• Work to be completed
Look through the data below and return each line where "origin" appears.

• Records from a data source
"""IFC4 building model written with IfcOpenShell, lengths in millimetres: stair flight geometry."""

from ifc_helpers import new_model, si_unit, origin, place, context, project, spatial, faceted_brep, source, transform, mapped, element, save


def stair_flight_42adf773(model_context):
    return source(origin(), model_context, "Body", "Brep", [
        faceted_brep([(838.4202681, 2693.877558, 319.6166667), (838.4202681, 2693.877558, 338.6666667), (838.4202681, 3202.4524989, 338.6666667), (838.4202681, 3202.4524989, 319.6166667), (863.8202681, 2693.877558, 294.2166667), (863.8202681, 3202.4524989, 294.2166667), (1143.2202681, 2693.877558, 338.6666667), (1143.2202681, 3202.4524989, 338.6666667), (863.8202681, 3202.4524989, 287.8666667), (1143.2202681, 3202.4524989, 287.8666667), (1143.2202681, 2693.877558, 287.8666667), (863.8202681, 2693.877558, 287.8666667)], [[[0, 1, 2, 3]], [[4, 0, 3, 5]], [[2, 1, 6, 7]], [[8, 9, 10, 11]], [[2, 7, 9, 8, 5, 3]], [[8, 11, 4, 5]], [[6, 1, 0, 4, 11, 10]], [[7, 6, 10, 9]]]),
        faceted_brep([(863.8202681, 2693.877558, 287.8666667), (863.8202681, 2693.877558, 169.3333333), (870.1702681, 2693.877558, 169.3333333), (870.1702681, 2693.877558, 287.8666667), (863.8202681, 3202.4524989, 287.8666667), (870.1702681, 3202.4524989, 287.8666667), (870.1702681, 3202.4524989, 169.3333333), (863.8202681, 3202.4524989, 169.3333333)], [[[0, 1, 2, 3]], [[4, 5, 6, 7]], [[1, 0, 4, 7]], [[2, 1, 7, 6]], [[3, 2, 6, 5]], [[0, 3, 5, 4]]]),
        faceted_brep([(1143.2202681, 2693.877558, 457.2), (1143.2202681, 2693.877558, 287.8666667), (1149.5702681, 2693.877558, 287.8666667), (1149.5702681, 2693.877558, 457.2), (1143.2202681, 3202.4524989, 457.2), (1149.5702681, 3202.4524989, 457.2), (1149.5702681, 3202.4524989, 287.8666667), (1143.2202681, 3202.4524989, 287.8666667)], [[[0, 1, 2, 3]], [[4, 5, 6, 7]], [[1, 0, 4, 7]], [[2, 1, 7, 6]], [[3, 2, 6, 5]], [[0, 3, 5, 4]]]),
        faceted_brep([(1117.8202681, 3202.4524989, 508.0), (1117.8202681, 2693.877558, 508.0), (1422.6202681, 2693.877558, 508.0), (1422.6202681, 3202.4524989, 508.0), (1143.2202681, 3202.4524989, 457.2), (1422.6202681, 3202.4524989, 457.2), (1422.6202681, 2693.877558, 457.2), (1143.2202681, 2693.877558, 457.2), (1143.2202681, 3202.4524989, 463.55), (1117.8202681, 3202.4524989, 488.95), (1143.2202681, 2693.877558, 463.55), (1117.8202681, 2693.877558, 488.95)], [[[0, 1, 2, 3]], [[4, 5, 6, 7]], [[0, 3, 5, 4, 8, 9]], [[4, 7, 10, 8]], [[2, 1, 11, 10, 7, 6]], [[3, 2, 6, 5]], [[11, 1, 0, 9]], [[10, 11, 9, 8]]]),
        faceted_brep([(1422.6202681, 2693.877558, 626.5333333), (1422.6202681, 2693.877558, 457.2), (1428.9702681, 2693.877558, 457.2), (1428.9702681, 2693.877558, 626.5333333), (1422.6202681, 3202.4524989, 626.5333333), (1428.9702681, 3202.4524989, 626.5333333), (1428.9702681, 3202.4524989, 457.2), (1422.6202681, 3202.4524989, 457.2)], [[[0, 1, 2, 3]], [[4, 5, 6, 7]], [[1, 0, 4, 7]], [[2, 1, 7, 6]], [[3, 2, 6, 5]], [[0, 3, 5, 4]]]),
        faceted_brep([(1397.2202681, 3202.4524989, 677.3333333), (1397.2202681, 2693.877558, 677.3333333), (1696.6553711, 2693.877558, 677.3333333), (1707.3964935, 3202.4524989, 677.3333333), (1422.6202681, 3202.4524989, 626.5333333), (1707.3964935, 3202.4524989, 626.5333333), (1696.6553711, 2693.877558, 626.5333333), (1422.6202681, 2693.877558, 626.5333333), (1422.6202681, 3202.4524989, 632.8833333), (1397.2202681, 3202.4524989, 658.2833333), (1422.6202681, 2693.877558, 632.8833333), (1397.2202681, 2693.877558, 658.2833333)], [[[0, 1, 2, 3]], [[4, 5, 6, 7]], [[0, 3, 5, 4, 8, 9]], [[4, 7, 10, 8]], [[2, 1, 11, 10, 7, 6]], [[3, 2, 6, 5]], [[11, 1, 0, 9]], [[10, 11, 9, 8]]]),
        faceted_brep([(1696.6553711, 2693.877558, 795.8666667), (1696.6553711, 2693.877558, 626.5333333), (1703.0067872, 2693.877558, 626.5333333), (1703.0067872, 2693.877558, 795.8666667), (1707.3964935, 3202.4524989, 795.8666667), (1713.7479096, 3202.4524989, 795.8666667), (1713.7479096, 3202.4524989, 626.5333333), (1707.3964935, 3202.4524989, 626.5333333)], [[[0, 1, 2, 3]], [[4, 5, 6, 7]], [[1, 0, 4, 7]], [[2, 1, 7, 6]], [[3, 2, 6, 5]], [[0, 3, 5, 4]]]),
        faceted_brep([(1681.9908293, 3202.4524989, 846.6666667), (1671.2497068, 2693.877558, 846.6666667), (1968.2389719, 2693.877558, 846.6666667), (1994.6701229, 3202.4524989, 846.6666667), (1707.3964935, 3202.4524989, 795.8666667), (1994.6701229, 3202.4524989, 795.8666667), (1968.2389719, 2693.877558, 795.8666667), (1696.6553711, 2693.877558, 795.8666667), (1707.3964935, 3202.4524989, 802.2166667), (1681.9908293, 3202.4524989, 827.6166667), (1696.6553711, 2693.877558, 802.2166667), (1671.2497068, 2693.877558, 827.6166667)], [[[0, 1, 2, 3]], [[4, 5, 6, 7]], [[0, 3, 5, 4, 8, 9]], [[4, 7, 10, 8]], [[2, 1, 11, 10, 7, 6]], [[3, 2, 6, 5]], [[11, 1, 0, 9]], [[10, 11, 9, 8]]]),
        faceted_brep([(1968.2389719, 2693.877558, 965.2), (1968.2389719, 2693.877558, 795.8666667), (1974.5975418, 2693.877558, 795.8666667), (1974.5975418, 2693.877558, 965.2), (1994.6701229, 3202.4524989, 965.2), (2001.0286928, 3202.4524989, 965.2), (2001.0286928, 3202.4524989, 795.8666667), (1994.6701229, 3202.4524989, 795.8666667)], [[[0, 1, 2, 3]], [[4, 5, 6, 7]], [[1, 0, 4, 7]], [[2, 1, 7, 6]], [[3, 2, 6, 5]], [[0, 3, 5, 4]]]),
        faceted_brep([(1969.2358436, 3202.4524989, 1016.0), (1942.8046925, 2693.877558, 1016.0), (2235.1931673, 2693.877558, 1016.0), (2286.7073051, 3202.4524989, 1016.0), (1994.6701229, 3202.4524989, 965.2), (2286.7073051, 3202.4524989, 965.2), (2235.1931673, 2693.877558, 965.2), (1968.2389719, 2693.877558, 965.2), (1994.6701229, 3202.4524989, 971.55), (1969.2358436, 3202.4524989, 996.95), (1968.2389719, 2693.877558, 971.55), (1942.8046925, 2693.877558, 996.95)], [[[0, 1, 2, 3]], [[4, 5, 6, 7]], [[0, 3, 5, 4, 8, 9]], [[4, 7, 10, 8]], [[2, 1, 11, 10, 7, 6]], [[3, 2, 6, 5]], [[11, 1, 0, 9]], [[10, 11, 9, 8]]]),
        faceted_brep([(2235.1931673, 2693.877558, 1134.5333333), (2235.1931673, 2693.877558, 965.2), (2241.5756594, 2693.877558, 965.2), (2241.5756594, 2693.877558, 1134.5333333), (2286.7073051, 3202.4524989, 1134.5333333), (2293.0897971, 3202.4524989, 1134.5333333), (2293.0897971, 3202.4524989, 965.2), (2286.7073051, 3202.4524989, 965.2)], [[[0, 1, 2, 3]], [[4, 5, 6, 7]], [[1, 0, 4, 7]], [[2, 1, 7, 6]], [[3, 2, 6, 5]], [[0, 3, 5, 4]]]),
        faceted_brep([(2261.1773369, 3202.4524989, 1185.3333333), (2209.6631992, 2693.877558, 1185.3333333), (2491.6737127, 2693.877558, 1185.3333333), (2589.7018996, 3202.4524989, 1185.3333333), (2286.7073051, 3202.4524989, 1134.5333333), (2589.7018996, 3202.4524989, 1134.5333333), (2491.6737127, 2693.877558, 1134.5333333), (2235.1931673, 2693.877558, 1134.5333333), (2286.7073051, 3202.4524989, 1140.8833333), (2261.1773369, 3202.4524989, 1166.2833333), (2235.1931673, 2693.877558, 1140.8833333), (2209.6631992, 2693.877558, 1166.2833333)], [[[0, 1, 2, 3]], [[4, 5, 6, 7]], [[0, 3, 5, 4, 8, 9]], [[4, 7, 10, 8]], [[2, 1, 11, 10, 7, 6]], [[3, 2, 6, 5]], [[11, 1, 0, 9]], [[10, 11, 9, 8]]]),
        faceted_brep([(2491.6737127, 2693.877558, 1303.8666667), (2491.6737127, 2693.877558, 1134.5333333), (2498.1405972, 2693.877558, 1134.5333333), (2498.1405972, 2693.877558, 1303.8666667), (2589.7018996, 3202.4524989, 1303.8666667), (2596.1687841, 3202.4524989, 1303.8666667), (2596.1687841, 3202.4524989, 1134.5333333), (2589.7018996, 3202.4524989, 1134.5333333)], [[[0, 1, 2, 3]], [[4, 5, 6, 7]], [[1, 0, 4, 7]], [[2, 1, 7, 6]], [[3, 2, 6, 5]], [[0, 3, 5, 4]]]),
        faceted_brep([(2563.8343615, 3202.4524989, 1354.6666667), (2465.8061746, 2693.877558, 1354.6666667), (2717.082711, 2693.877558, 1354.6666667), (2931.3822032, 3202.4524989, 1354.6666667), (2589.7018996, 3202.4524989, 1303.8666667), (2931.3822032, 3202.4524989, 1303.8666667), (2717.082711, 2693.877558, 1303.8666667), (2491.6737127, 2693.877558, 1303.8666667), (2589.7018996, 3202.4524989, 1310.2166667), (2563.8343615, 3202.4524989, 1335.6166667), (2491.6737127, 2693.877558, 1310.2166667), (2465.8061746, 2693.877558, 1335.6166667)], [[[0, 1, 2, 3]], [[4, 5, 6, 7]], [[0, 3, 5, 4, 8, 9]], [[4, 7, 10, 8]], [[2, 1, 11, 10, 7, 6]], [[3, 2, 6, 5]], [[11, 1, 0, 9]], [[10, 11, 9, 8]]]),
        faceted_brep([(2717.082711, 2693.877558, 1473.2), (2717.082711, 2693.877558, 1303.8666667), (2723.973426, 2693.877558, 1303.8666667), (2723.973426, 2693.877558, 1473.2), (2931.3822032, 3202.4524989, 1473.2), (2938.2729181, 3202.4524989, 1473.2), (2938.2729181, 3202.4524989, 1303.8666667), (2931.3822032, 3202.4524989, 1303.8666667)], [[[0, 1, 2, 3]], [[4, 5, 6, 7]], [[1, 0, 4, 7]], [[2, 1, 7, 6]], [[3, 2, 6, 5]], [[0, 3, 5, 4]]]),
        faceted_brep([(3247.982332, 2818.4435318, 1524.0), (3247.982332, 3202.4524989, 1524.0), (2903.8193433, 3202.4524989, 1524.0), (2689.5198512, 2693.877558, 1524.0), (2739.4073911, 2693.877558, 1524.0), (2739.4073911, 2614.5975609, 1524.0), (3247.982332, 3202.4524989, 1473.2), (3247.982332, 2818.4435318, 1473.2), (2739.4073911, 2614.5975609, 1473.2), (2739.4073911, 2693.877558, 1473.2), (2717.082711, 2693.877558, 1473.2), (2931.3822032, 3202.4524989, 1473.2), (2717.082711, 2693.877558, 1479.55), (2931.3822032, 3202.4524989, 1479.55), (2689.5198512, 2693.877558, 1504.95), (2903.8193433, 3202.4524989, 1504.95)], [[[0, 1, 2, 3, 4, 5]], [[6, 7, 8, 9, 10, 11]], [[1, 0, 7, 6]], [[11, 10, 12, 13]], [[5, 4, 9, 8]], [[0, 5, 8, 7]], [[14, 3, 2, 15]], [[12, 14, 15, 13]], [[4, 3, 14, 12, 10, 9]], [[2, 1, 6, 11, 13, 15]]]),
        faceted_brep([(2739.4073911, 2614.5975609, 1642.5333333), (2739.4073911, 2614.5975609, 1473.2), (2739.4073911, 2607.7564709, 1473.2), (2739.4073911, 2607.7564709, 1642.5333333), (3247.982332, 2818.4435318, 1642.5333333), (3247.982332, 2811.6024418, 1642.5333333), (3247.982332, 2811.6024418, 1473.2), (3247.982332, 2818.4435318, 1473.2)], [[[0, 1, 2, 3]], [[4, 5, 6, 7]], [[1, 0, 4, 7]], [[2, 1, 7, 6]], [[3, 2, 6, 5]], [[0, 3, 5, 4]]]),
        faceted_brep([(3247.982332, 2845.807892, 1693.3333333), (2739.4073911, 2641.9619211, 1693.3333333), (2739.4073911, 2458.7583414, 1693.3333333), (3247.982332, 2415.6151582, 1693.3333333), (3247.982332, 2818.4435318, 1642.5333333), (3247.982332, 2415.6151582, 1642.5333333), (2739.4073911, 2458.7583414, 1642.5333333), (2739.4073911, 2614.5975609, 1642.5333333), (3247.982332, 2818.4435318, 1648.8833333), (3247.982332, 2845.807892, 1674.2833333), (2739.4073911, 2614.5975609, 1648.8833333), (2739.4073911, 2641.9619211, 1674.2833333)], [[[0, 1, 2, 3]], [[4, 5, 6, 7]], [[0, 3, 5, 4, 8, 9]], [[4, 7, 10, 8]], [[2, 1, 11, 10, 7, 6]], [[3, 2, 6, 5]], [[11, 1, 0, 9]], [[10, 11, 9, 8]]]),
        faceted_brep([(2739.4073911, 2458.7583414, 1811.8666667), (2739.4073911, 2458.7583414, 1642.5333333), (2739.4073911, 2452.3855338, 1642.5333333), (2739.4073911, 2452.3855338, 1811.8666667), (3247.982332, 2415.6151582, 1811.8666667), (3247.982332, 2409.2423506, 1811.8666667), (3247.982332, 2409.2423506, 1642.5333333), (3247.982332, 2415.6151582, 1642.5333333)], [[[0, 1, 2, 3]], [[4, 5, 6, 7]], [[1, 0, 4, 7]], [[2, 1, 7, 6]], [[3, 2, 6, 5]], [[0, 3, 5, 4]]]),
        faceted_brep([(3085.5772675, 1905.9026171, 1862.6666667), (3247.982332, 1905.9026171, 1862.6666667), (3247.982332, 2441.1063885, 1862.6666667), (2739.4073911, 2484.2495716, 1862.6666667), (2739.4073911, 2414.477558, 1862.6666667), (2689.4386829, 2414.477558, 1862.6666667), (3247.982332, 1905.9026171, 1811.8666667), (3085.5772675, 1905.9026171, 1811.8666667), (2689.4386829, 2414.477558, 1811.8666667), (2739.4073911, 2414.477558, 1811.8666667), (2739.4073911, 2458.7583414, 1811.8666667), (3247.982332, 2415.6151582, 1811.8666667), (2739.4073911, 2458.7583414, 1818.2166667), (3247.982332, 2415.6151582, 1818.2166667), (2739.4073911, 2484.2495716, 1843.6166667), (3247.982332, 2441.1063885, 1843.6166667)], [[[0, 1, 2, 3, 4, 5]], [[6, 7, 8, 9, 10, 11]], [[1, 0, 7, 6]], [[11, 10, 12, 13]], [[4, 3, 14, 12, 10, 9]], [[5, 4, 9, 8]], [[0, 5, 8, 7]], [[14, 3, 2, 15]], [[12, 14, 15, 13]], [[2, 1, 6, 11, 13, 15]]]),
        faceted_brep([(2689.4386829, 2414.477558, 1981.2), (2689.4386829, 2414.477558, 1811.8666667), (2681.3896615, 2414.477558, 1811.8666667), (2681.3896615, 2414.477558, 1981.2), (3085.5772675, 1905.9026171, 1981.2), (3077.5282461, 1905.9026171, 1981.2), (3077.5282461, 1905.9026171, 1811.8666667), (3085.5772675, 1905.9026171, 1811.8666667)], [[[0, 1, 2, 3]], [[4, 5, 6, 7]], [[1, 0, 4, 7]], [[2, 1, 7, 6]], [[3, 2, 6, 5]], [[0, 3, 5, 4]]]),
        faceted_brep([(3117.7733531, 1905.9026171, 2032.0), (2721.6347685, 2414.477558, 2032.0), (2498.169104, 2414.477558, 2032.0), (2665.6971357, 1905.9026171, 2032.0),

• Answer for the task
from ifc_helpers import new_model, si_unit, origin, place, context, project, spatial, faceted_brep, source, transform, mapped, element, save
    return source(origin(), model_context, "Body", "Brep", [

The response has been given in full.